___ INPUT DATA

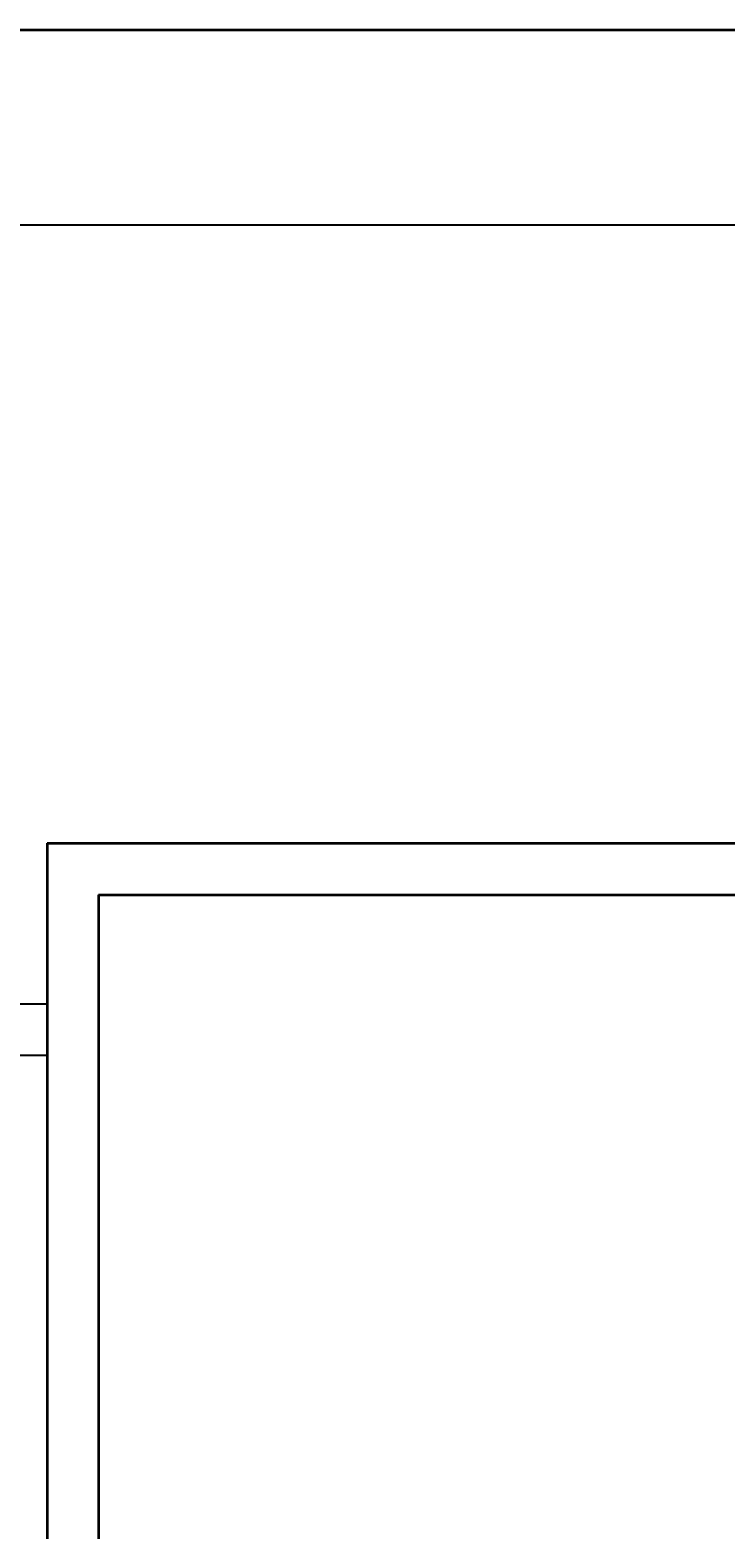
# Model space of a CAD drawing. Units: inches. Extents: x 1088 to 1703, y 668 to 1875.
# Tile 41 of 45: x 1436 to 1497, y 1743 to 1875. Entities that reach past the tile are written whole.
import ezdxf

# ---------------------------------------------------------------- set-up
doc = ezdxf.new("R2010")
doc.units = ezdxf.units.IN
for name, color, linetype, lineweight in [('A-ANNO-DIMS', 2, 'Continuous', 18), ('A-ANNO-TTLB', 7, 'Continuous', 35), ('A-FLOR-HRAL', 7, 'Continuous', 25), ('A-WALL', 7, 'Continuous', 35)]:
    doc.layers.add(name, color=color, linetype=linetype, lineweight=lineweight)
doc.styles.get("Standard").update_dxf_attribs({"font": 'arial.ttf'})
doc.dimstyles.get("Standard").update_dxf_attribs({"dimtxt": 0.18, "dimasz": 0.18, "dimexe": 0.18, "dimexo": 0.0625, "dimgap": 0.09, "dimtad": 0, "dimtih": 1, "dimtoh": 1, "dimdec": 4, "dimzin": 0, "dimdsep": 46, "dimtxsty": 'Standard', "dimcen": 0.09, "dimadec": 0, "dimazin": 0, "dimtfac": 1, "dimtdec": 4, "dimtofl": 0, "dimtmove": 0, "dimatfit": 3, "dimfxl": 1, "dimtolj": 1, "dimtzin": 0, "dimarcsym": 0})

# ---------------------------------------------------------------- blocks, each defined once
blk = doc.blocks.new('*D28')
at = {"layer": 'A-ANNO-DIMS', "color": 0, "lineweight": -2, "transparency": 16777216}
for p, q in [((1170.34, 1803.62), (1170.34, 1857.79)), ((1170.52, 1857.61), (1408.15, 1857.61)), ((1646.56, 1857.61), (1408.94, 1857.61)), ((1646.74, 1745.55), (1646.74, 1857.79))]:
    blk.add_line(p, q, dxfattribs=at)
at = {"layer": 'A-ANNO-DIMS', "color": 0, "transparency": 16777216}
for points in [[(1170.52, 1857.64), (1170.52, 1857.58), (1170.34, 1857.61)], [(1646.56, 1857.64), (1646.56, 1857.58), (1646.74, 1857.61)]]:
    blk.add_solid(points, dxfattribs=at)
at = {"layer": 'Defpoints', "color": 0, "transparency": 16777216}
for p in [(1646.74, 1857.61), (1170.34, 1803.56), (1646.74, 1745.49)]:
    blk.add_point(p, dxfattribs=at)
at = {"layer": 'A-ANNO-DIMS', "color": 0, "transparency": 16777216, "insert": (1408.54, 1857.61), "char_height": 0.18, "attachment_point": 5}
blk.add_mtext('\\A1;476.4', dxfattribs=at)

msp = doc.modelspace()

# ---------------------------------------------------------------- linework, layer by layer
at = {"layer": 'A-ANNO-TTLB'}
msp.add_lwpolyline([(1088.369, 1874.677), (1703.181, 1874.677), (1703.181, 667.947), (1088.369, 667.947)], close=True, dxfattribs=at)
at = {"layer": 'A-FLOR-HRAL'}
for p, q in [((1317.345, 1789.507), (1437.345, 1789.507)), ((1437.345, 1785.007), (1317.345, 1785.007))]:
    msp.add_line(p, q, dxfattribs=at)
at = {"layer": 'A-WALL'}
for p, q in [((1437.345, 1803.558), (1437.345, 1668.558)), ((1437.345, 1803.558), (1624.845, 1803.558)), ((1437.345, 1803.558), (1624.845, 1803.558)), ((1437.345, 1803.558), (1624.845, 1803.558)), ((1437.345, 1803.558), (1624.845, 1803.558)), ((1437.345, 1803.558), (1624.845, 1803.558)), ((1441.845, 1799.058), (1441.845, 1673.058)), ((1441.845, 1799.058), (1620.345, 1799.058)), ((1437.345, 1779.956), (1437.345, 1775.456))]:
    msp.add_line(p, q, dxfattribs=at)

# ---------------------------------------------------------------- dimensions: what is measured, and where the dimension line sits
at = {"layer": 'A-ANNO-DIMS'}
dim = msp.add_linear_dim(base=(1646.743, 1857.608), p1=(1170.345, 1803.558), p2=(1646.743, 1745.49), dimstyle='Standard', override={"dimdec": 1, "dimlfac": 1, "dimrnd": 0, "dimzin": 0, "dimdsep": 46, "dimlunit": 2}, dxfattribs=at)
dim.commit()
dim.dimension.update_dxf_attribs({"geometry": '*D28', "text_midpoint": (1408.544, 1857.608)})

doc.saveas('drawing.dxf')

______

» **EXERCISE**:
All entries should be given again exactly, except that pictures are to be excluded.

» **EXERCISE ANSWER**:
# Model space of a CAD drawing. Units: inches. Extents: x 1088 to 1703, y 668 to 1875.
# Tile 41 of 45: x 1436 to 1497, y 1743 to 1875. Entities that reach past the tile are written whole.
import ezdxf

# ---------------------------------------------------------------- set-up
doc = ezdxf.new("R2010")
doc.units = ezdxf.units.IN
for name, color, linetype, lineweight in [('A-ANNO-DIMS', 2, 'Continuous', 18), ('A-ANNO-TTLB', 7, 'Continuous', 35), ('A-FLOR-HRAL', 7, 'Continuous', 25), ('A-WALL', 7, 'Continuous', 35)]:
    doc.layers.add(name, color=color, linetype=linetype, lineweight=lineweight)
doc.styles.get("Standard").update_dxf_attribs({"font": 'arial.ttf'})
doc.dimstyles.get("Standard").update_dxf_attribs({"dimtxt": 0.18, "dimasz": 0.18, "dimexe": 0.18, "dimexo": 0.0625, "dimgap": 0.09, "dimtad": 0, "dimtih": 1, "dimtoh": 1, "dimdec": 4, "dimzin": 0, "dimdsep": 46, "dimtxsty": 'Standard', "dimcen": 0.09, "dimadec": 0, "dimazin": 0, "dimtfac": 1, "dimtdec": 4, "dimtofl": 0, "dimtmove": 0, "dimatfit": 3, "dimfxl": 1, "dimtolj": 1, "dimtzin": 0, "dimarcsym": 0})

# ---------------------------------------------------------------- blocks, each defined once
blk = doc.blocks.new('*D28')
at = {"layer": 'A-ANNO-DIMS', "color": 0, "lineweight": -2, "transparency": 16777216}
for p, q in [((1170.34, 1803.62), (1170.34, 1857.79)), ((1170.52, 1857.61), (1408.15, 1857.61)), ((1646.56, 1857.61), (1408.94, 1857.61)), ((1646.74, 1745.55), (1646.74, 1857.79))]:
    blk.add_line(p, q, dxfattribs=at)
at = {"layer": 'A-ANNO-DIMS', "color": 0, "transparency": 16777216}
for points in [[(1170.52, 1857.64), (1170.52, 1857.58), (1170.34, 1857.61)], [(1646.56, 1857.64), (1646.56, 1857.58), (1646.74, 1857.61)]]:
    blk.add_solid(points, dxfattribs=at)
at = {"layer": 'Defpoints', "color": 0, "transparency": 16777216}
for p in [(1646.74, 1857.61), (1170.34, 1803.56), (1646.74, 1745.49)]:
    blk.add_point(p, dxfattribs=at)
at = {"layer": 'A-ANNO-DIMS', "color": 0, "transparency": 16777216, "insert": (1408.54, 1857.61), "char_height": 0.18, "attachment_point": 5}
blk.add_mtext('\\A1;476.4', dxfattribs=at)

msp = doc.modelspace()

# ---------------------------------------------------------------- linework, layer by layer
at = {"layer": 'A-ANNO-TTLB'}
msp.add_lwpolyline([(1088.369, 1874.677), (1703.181, 1874.677), (1703.181, 667.947), (1088.369, 667.947)], close=True, dxfattribs=at)
at = {"layer": 'A-FLOR-HRAL'}
for p, q in [((1317.345, 1789.507), (1437.345, 1789.507)), ((1437.345, 1785.007), (1317.345, 1785.007))]:
    msp.add_line(p, q, dxfattribs=at)
at = {"layer": 'A-WALL'}
for p, q in [((1437.345, 1803.558), (1437.345, 1668.558)), ((1437.345, 1803.558), (1624.845, 1803.558)), ((1437.345, 1803.558), (1624.845, 1803.558)), ((1437.345, 1803.558), (1624.845, 1803.558)), ((1437.345, 1803.558), (1624.845, 1803.558)), ((1437.345, 1803.558), (1624.845, 1803.558)), ((1441.845, 1799.058), (1441.845, 1673.058)), ((1441.845, 1799.058), (1620.345, 1799.058)), ((1437.345, 1779.956), (1437.345, 1775.456))]:
    msp.add_line(p, q, dxfattribs=at)

# ---------------------------------------------------------------- dimensions: what is measured, and where the dimension line sits
at = {"layer": 'A-ANNO-DIMS'}
dim = msp.add_linear_dim(base=(1646.743, 1857.608), p1=(1170.345, 1803.558), p2=(1646.743, 1745.49), dimstyle='Standard', override={"dimdec": 1, "dimlfac": 1, "dimrnd": 0, "dimzin": 0, "dimdsep": 46, "dimlunit": 2}, dxfattribs=at)
dim.commit()
dim.dimension.update_dxf_attribs({"geometry": '*D28', "text_midpoint": (1408.544, 1857.608)})

doc.saveas('drawing.dxf')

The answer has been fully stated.